▶ [WORK REQUEST]
Collect all lines below with the string "exterior".

▶ [INFORMATION SUPPLIED]
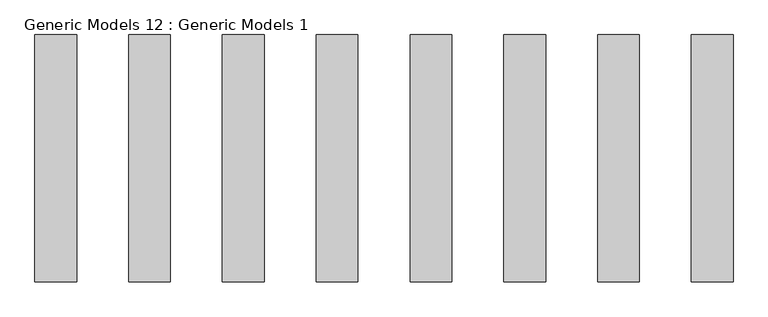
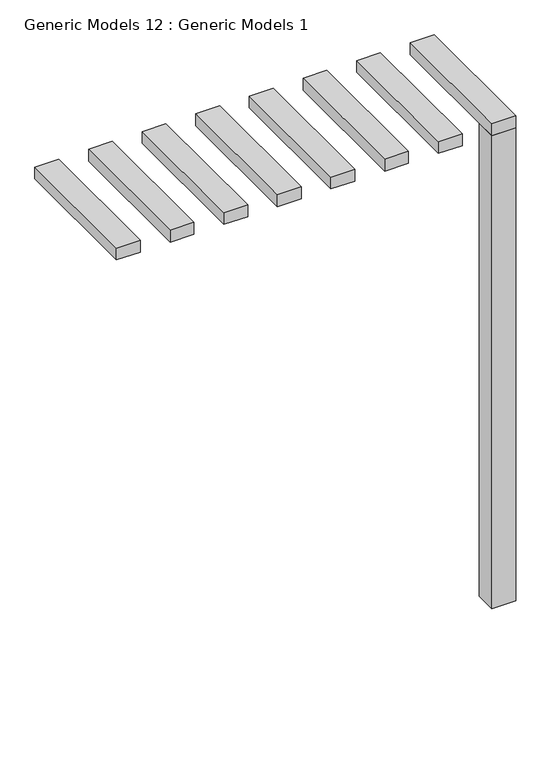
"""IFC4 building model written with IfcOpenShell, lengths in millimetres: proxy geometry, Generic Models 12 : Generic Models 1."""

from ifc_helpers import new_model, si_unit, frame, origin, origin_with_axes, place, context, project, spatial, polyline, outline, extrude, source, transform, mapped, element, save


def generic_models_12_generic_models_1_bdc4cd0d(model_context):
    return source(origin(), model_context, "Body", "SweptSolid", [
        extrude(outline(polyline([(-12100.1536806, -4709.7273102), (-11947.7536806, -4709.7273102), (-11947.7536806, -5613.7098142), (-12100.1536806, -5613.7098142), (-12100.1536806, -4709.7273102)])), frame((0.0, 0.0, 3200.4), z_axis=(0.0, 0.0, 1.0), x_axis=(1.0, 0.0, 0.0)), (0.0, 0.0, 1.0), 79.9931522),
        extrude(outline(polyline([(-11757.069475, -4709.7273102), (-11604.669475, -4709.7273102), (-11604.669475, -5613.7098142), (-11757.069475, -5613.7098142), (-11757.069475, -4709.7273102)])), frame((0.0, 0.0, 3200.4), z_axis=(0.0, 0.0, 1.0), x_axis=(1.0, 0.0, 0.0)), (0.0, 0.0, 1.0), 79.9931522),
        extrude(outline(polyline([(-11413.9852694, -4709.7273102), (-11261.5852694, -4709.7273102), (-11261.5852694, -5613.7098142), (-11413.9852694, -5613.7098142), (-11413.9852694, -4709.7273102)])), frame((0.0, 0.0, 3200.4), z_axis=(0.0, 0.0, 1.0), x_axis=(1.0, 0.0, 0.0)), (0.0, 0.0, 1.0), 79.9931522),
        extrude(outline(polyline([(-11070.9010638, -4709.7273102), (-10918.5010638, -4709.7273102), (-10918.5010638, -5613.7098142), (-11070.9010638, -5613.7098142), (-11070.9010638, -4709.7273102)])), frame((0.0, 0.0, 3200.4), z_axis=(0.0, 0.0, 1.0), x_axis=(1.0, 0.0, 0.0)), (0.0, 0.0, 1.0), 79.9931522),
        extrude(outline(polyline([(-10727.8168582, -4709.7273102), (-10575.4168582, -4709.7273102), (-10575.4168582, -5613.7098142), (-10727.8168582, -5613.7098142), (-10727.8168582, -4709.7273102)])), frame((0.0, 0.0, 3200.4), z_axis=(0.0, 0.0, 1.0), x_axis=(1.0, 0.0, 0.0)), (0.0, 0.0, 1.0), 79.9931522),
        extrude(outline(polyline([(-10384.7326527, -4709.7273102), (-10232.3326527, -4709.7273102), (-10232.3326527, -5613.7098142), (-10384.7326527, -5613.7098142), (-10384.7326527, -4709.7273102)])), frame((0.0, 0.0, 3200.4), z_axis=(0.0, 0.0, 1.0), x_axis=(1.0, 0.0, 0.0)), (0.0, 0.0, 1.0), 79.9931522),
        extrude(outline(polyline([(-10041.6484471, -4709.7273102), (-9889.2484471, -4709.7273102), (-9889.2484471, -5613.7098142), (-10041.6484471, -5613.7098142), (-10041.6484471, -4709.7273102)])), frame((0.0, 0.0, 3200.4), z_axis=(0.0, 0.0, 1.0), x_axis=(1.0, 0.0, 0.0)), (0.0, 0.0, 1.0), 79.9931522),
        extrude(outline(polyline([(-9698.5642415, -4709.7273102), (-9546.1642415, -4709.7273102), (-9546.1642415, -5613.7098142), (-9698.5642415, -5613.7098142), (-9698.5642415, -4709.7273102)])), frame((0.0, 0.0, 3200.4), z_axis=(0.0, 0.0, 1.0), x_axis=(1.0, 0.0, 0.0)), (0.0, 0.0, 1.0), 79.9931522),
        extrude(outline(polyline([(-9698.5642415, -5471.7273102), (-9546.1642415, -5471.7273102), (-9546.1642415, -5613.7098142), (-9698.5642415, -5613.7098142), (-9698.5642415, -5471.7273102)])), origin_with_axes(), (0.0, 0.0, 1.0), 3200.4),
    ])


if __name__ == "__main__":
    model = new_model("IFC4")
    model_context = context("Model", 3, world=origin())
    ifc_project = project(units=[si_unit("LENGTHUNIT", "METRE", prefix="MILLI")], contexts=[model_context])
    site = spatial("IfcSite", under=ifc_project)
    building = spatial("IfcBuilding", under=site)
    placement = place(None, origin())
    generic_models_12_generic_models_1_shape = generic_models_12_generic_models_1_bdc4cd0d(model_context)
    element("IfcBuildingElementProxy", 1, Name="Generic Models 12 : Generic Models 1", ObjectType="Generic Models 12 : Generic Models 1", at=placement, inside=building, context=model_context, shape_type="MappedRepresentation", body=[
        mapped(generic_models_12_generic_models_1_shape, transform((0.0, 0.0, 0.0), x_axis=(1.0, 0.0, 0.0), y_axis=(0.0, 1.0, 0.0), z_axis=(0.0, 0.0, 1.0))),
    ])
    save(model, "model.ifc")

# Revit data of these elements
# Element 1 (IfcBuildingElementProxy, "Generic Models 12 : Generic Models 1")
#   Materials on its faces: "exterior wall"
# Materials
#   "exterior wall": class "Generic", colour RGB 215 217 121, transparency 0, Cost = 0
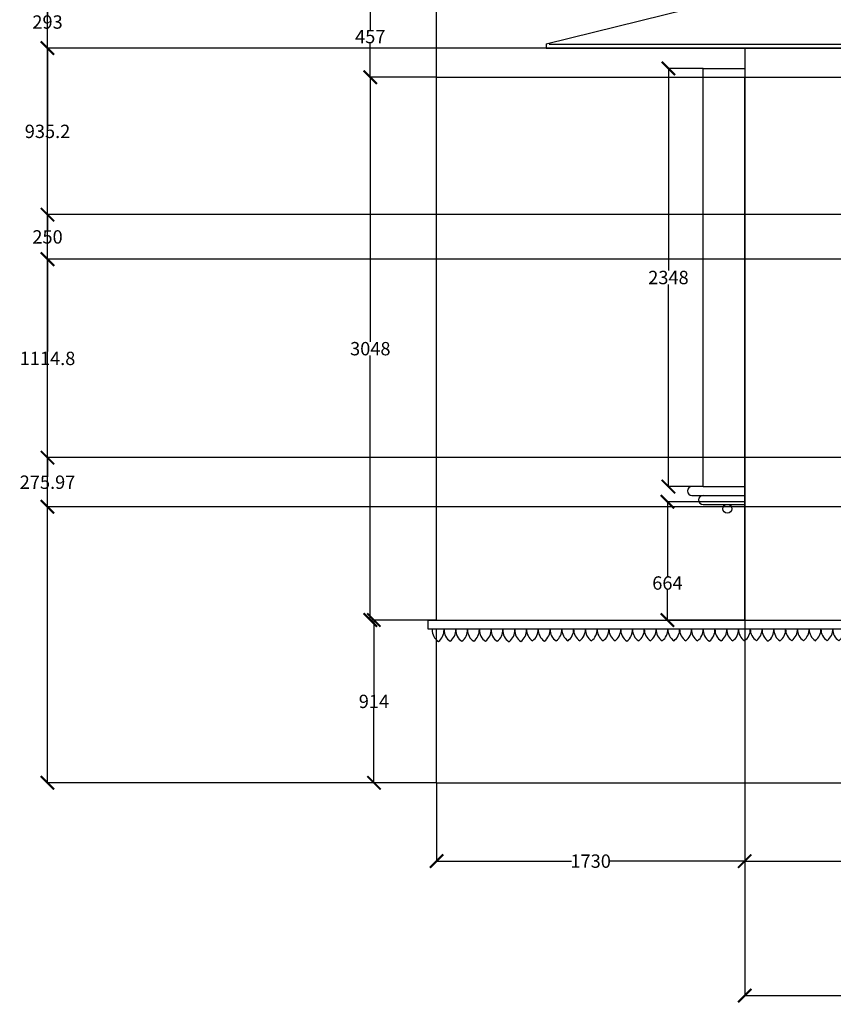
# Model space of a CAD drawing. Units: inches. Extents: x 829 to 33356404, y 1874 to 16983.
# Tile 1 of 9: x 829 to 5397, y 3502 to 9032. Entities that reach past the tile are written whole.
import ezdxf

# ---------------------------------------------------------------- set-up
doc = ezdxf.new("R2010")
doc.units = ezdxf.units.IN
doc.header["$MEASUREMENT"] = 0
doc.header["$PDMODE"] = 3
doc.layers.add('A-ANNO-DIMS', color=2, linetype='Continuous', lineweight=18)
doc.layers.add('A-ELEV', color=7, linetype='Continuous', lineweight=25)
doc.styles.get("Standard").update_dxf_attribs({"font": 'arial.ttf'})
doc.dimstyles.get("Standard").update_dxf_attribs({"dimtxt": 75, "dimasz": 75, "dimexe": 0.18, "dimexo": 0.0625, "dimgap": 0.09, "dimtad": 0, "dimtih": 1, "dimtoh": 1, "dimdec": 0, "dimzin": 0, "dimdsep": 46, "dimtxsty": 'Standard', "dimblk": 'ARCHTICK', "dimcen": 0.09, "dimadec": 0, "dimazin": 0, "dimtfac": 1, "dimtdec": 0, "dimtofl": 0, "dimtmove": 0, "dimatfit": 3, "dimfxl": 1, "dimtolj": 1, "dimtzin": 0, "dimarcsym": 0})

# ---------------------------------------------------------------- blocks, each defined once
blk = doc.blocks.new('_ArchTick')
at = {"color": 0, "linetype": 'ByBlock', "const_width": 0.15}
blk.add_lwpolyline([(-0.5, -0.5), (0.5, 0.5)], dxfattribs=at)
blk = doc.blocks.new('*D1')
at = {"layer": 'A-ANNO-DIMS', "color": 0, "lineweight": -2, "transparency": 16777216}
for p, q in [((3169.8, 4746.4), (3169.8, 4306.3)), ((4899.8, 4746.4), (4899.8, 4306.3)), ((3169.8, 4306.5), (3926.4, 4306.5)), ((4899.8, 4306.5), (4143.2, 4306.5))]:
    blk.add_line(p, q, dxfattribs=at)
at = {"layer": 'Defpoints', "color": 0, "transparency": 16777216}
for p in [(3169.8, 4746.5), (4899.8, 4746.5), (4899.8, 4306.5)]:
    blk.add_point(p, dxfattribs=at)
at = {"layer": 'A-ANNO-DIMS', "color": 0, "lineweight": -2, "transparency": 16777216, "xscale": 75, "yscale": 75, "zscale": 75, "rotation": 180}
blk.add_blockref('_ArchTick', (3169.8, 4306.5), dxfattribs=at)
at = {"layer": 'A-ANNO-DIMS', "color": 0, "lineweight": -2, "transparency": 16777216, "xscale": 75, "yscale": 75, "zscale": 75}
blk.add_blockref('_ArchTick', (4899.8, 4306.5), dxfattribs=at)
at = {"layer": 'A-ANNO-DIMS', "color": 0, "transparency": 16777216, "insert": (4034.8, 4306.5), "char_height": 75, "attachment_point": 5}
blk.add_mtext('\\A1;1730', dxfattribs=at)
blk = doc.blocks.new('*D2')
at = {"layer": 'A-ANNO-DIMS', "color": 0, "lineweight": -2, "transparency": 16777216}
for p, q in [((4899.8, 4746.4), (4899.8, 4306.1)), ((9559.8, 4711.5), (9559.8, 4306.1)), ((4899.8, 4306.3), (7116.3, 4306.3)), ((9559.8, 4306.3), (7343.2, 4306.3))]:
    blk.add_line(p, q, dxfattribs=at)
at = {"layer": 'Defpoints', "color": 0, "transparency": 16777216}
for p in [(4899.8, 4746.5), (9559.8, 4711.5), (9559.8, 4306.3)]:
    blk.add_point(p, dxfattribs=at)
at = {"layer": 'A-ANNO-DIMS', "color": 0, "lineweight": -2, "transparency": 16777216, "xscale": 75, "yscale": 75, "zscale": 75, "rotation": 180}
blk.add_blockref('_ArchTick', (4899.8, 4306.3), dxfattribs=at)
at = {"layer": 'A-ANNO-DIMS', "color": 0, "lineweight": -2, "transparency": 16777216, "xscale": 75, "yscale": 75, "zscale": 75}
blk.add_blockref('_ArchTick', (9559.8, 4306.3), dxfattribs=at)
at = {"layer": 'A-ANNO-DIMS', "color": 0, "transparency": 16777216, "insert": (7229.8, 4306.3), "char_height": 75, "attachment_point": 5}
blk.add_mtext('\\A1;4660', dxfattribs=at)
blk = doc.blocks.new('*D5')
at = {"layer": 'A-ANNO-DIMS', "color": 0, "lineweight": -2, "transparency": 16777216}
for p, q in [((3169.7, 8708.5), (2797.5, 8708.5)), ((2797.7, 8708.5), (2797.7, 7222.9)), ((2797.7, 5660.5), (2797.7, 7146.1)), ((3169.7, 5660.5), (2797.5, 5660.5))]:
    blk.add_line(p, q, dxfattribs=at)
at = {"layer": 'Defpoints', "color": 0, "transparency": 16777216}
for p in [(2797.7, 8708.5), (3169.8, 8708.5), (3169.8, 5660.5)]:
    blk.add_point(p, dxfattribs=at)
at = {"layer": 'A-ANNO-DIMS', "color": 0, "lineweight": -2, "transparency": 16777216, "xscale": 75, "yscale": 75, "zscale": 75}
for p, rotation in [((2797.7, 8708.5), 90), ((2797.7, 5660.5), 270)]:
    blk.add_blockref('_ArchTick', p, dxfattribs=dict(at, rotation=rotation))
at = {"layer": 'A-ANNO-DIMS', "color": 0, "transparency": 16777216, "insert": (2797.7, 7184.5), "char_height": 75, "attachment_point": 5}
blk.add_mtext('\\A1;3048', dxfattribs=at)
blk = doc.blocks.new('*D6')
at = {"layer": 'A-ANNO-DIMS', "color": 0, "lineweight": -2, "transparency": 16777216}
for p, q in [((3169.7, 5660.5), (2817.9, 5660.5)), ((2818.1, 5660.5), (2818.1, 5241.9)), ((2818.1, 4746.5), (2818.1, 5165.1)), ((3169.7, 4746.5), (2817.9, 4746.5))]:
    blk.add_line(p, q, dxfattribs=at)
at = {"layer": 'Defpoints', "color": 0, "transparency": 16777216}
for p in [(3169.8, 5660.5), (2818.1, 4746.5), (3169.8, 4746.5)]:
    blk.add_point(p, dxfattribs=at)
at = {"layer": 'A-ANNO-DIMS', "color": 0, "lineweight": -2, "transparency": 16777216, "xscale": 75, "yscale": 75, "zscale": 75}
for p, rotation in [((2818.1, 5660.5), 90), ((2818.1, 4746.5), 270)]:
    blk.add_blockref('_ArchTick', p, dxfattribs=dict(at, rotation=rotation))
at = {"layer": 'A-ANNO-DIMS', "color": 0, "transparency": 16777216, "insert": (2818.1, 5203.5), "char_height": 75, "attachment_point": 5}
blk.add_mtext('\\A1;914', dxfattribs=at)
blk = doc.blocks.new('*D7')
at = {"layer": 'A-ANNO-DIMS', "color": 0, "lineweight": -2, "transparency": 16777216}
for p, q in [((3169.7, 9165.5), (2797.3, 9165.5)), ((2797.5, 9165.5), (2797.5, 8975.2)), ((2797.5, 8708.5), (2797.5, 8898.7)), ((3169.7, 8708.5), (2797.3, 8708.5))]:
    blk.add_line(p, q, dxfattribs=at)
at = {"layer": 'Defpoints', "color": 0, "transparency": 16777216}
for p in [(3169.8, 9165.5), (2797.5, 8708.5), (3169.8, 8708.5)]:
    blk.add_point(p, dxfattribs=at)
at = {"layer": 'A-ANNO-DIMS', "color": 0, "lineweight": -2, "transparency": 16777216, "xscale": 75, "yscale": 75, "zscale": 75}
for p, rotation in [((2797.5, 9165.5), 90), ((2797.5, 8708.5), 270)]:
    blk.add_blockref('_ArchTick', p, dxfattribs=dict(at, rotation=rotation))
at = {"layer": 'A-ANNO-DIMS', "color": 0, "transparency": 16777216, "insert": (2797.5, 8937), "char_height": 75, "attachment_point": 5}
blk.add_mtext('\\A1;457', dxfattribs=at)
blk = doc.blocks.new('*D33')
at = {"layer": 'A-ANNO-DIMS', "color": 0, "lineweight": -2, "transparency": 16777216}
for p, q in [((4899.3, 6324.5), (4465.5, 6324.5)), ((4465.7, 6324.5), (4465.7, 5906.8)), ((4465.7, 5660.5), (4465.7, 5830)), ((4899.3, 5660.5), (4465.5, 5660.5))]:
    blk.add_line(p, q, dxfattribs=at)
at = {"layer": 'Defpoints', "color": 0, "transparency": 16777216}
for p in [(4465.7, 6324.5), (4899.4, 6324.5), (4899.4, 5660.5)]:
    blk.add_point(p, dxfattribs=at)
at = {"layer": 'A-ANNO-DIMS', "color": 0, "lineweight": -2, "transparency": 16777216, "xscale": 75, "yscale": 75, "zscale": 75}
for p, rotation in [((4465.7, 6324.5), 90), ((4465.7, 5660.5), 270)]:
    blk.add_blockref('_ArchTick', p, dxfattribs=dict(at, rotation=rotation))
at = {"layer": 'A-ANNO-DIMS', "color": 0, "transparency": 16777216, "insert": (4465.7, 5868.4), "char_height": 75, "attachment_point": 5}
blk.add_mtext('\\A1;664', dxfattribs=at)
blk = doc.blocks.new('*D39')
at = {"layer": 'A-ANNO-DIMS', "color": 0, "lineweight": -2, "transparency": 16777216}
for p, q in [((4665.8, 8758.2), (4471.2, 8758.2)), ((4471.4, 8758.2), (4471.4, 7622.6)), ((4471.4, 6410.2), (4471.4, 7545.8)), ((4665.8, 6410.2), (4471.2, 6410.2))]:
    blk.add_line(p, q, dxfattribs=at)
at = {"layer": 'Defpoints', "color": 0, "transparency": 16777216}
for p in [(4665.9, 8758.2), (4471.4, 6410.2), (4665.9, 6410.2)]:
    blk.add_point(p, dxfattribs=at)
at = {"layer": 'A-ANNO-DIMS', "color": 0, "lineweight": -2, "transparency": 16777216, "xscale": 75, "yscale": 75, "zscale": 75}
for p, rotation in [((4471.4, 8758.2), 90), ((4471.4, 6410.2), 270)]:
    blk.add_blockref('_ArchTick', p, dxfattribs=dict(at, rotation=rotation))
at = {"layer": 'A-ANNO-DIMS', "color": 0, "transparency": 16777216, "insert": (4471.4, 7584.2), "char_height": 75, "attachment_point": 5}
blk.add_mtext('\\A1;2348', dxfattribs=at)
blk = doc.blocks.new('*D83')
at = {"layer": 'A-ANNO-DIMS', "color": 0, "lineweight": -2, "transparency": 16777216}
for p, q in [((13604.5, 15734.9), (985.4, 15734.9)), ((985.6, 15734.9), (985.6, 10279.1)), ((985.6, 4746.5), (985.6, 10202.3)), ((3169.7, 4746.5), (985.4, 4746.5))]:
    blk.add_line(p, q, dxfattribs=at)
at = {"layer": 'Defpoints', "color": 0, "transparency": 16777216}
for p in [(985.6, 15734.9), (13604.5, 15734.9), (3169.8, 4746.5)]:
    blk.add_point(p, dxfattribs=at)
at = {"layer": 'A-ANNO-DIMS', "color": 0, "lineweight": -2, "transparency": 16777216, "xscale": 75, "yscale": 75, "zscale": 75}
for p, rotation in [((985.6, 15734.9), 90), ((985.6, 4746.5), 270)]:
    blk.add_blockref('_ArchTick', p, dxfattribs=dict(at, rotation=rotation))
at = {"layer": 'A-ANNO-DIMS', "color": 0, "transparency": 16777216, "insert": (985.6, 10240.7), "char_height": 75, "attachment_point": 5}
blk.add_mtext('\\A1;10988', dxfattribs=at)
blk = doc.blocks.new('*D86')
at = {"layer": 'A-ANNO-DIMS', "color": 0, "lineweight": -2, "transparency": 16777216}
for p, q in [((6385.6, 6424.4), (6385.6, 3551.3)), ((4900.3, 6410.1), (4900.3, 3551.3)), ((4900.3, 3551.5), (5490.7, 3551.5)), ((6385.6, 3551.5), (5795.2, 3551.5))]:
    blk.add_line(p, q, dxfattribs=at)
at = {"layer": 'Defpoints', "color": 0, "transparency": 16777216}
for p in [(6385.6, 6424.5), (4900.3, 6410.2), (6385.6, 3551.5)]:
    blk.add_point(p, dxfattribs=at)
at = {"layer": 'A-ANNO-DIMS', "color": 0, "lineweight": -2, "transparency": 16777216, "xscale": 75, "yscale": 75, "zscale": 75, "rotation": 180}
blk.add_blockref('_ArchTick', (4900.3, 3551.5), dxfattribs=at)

▶ [OUTPUT OF THE EXERCISE]
#   Materials on its faces: "exterior wall"
#   "exterior wall": class "Generic", colour RGB 215 217 121, transparency 0, Cost = 0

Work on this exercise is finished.